Your copy of the data below must be exact and must leave out all pictures.

---------- Given data ----------

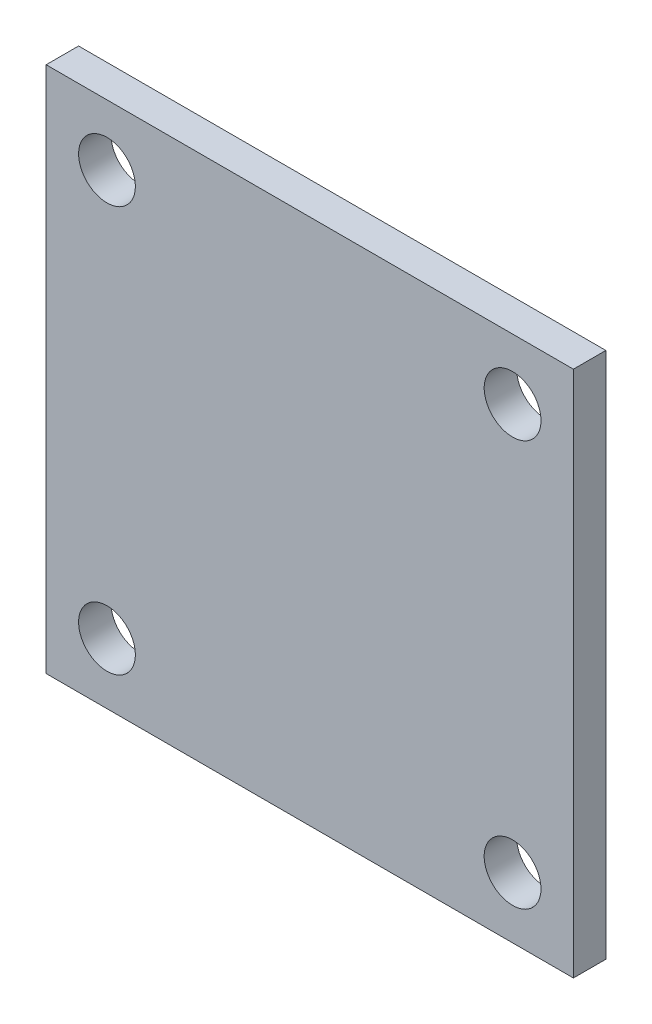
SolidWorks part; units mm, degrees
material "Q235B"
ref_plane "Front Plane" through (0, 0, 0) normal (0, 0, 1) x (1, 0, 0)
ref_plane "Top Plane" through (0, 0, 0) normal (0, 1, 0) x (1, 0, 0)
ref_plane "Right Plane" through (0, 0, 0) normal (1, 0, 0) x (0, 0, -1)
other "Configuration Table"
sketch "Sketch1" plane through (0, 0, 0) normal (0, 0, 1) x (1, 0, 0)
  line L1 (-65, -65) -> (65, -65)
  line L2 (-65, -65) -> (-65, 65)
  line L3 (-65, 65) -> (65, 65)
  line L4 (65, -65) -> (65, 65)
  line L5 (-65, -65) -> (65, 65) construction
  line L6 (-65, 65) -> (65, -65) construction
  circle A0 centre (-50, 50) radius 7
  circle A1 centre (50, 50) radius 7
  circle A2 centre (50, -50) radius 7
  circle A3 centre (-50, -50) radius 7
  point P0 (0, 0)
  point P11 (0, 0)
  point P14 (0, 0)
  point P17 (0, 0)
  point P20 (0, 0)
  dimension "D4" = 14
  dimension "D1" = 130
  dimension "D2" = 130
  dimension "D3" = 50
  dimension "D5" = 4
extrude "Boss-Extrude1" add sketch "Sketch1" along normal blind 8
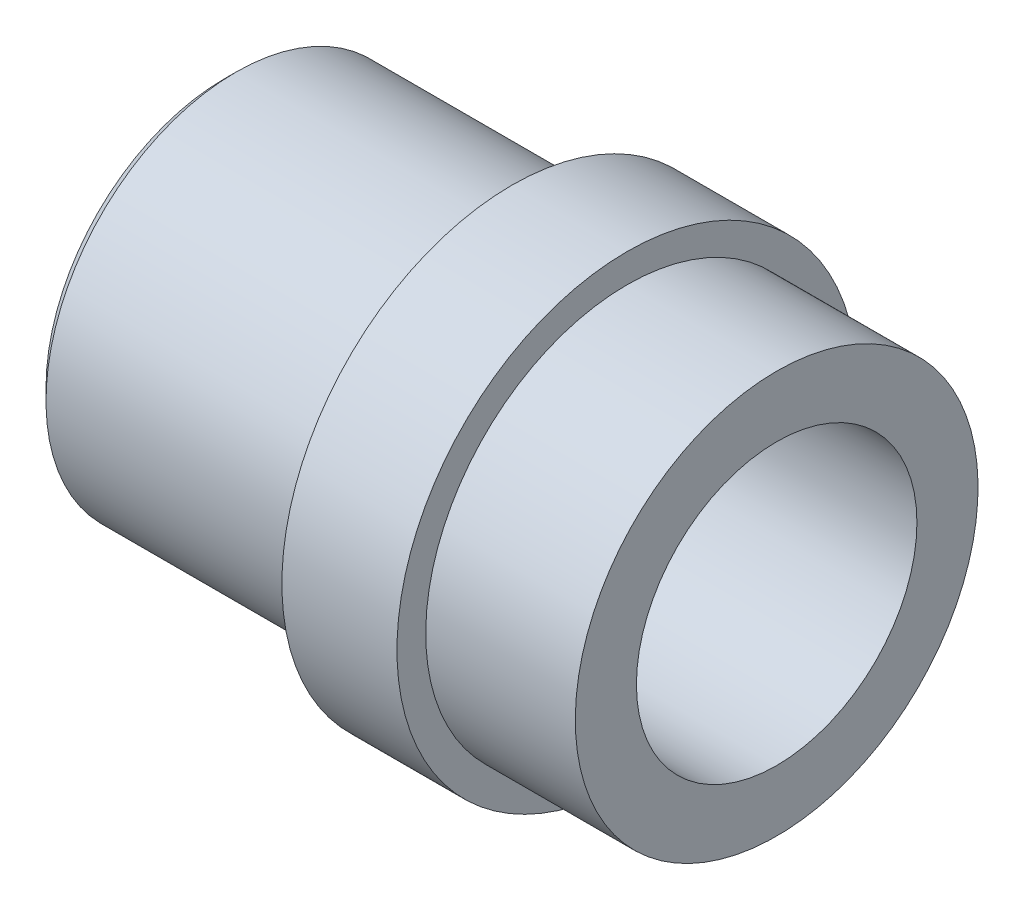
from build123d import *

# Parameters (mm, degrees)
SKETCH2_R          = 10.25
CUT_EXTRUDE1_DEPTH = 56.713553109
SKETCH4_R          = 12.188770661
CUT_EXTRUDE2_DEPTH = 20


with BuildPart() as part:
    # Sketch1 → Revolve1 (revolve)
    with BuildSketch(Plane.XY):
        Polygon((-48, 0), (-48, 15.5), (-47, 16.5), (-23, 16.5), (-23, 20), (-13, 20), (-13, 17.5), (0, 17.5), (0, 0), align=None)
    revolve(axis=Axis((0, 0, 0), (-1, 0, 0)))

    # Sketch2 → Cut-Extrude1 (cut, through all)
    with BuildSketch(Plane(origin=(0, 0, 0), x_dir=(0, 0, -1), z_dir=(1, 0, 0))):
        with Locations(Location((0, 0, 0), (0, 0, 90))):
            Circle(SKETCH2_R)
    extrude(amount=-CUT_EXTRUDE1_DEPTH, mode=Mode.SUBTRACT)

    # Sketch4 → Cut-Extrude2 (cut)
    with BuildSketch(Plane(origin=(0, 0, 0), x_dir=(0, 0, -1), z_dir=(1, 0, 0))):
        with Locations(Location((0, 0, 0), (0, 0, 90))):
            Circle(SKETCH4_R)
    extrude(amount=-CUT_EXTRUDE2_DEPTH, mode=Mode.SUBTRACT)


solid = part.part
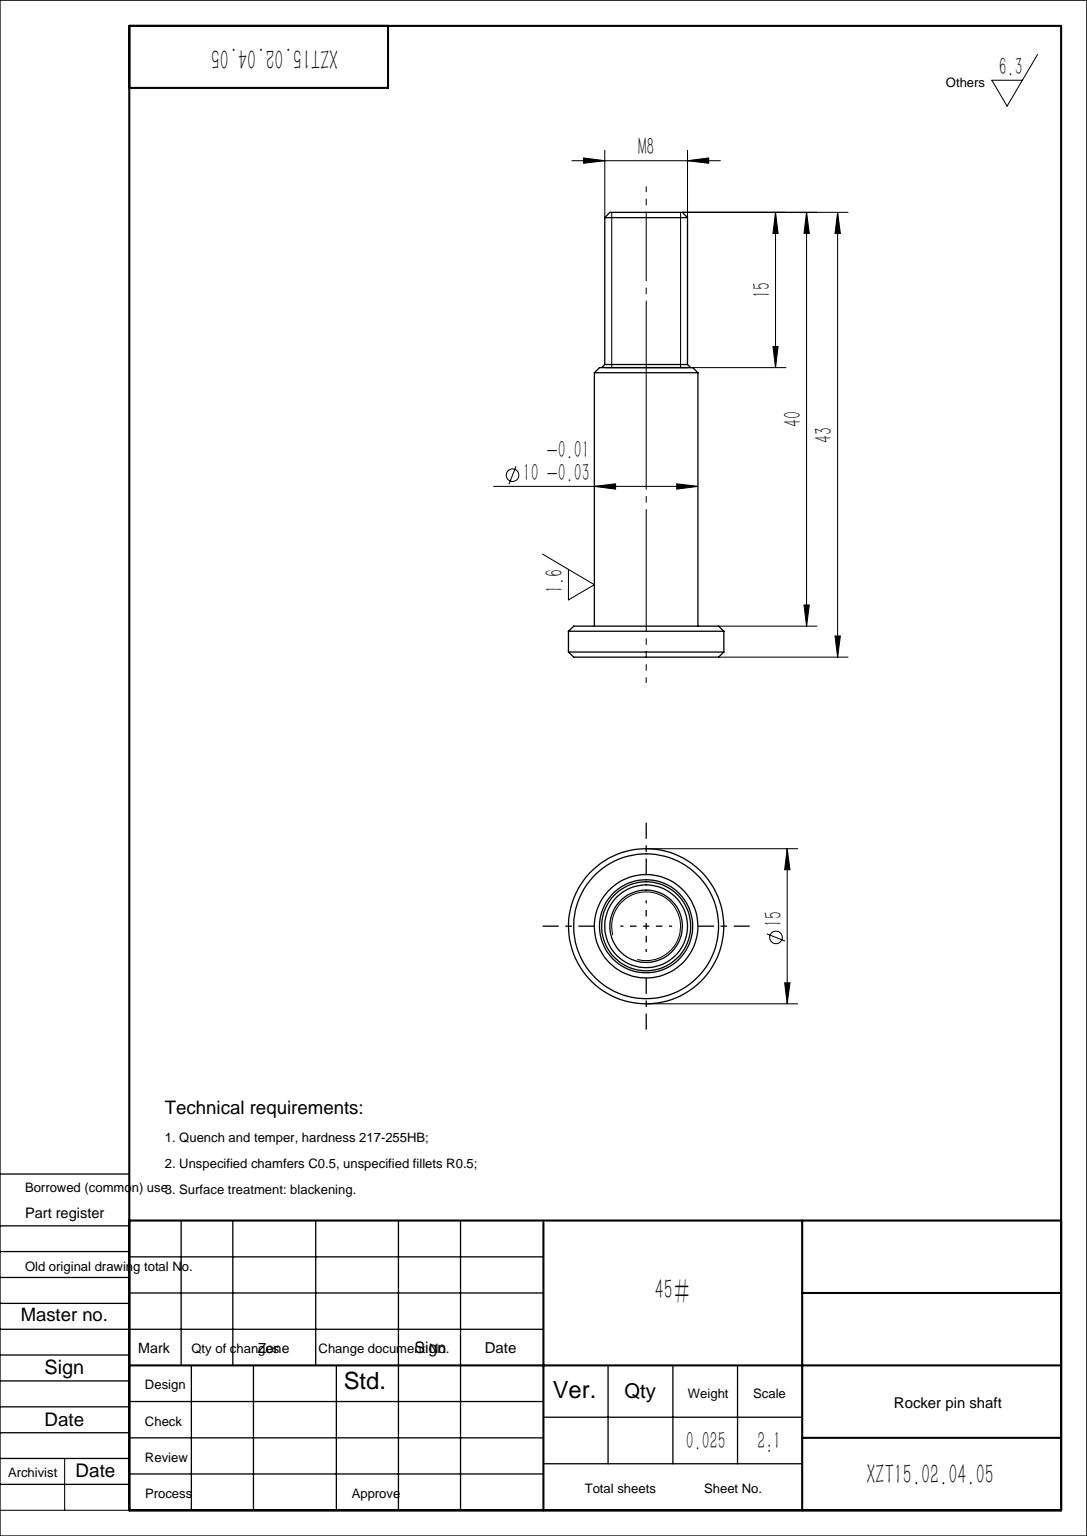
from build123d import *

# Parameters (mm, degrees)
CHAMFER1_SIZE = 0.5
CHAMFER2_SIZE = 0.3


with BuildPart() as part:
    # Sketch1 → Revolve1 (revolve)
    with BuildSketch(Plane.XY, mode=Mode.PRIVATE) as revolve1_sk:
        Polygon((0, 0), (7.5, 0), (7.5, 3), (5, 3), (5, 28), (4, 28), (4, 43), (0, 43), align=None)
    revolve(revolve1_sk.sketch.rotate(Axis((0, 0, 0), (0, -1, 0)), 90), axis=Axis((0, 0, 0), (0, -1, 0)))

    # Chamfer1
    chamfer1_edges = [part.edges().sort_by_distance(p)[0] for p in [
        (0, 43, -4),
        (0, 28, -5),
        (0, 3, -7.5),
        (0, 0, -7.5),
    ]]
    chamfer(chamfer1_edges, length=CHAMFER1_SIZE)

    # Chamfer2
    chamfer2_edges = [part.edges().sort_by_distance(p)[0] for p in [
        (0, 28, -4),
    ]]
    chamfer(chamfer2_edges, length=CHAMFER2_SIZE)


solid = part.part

----------

__Response area__
SolidWorks part; units mm, degrees
material "Q235B"
ref_plane "Front Plane" through (0, 0, 0) normal (0, 0, 1) x (1, 0, 0)
ref_plane "Top Plane" through (0, 0, 0) normal (0, 1, 0) x (1, 0, 0)
ref_plane "Right Plane" through (0, 0, 0) normal (1, 0, 0) x (0, 0, -1)
other "Configuration Table"
sketch "Sketch1" plane through (0, 0, 0) normal (0, 0, 1) x (1, 0, 0)
  line L1 (-65, -65) -> (65, -65)
  line L2 (-65, -65) -> (-65, 65)
  line L3 (-65, 65) -> (65, 65)
  line L4 (65, -65) -> (65, 65)
  line L5 (-65, -65) -> (65, 65) construction
  line L6 (-65, 65) -> (65, -65) construction
  circle A0 centre (-50, 50) radius 7
  circle A1 centre (50, 50) radius 7
  circle A2 centre (50, -50) radius 7
  circle A3 centre (-50, -50) radius 7
  point P0 (0, 0)
  point P11 (0, 0)
  point P14 (0, 0)
  point P17 (0, 0)
  point P20 (0, 0)
  dimension "D4" = 14
  dimension "D1" = 130
  dimension "D2" = 130
  dimension "D3" = 50
  dimension "D5" = 4
extrude "Boss-Extrude1" add sketch "Sketch1" along normal blind 8
from build123d import *

# Parameters (mm, degrees)
SKETCH2_R          = 10.25
CUT_EXTRUDE1_DEPTH = 56.713553109
SKETCH4_R          = 12.188770661
CUT_EXTRUDE2_DEPTH = 20


with BuildPart() as part:
    # Sketch1 → Revolve1 (revolve)
    with BuildSketch(Plane.XY):
        Polygon((-48, 0), (-48, 15.5), (-47, 16.5), (-23, 16.5), (-23, 20), (-13, 20), (-13, 17.5), (0, 17.5), (0, 0), align=None)
    revolve(axis=Axis((0, 0, 0), (-1, 0, 0)))

    # Sketch2 → Cut-Extrude1 (cut, through all)
    with BuildSketch(Plane(origin=(0, 0, 0), x_dir=(0, 0, -1), z_dir=(1, 0, 0))):
        with Locations(Location((0, 0, 0), (0, 0, 90))):
            Circle(SKETCH2_R)
    extrude(amount=-CUT_EXTRUDE1_DEPTH, mode=Mode.SUBTRACT)

    # Sketch4 → Cut-Extrude2 (cut)
    with BuildSketch(Plane(origin=(0, 0, 0), x_dir=(0, 0, -1), z_dir=(1, 0, 0))):
        with Locations(Location((0, 0, 0), (0, 0, 90))):
            Circle(SKETCH4_R)
    extrude(amount=-CUT_EXTRUDE2_DEPTH, mode=Mode.SUBTRACT)


solid = part.part
from build123d import *

# Parameters (mm, degrees)
CHAMFER1_SIZE = 0.5
CHAMFER2_SIZE = 0.3


with BuildPart() as part:
    # Sketch1 → Revolve1 (revolve)
    with BuildSketch(Plane.XY, mode=Mode.PRIVATE) as revolve1_sk:
        Polygon((0, 0), (7.5, 0), (7.5, 3), (5, 3), (5, 28), (4, 28), (4, 43), (0, 43), align=None)
    revolve(revolve1_sk.sketch.rotate(Axis((0, 0, 0), (0, -1, 0)), 90), axis=Axis((0, 0, 0), (0, -1, 0)))

    # Chamfer1
    chamfer1_edges = [part.edges().sort_by_distance(p)[0] for p in [
        (0, 43, -4),
        (0, 28, -5),
        (0, 3, -7.5),
        (0, 0, -7.5),
    ]]
    chamfer(chamfer1_edges, length=CHAMFER1_SIZE)

    # Chamfer2
    chamfer2_edges = [part.edges().sort_by_distance(p)[0] for p in [
        (0, 28, -4),
    ]]
    chamfer(chamfer2_edges, length=CHAMFER2_SIZE)


solid = part.part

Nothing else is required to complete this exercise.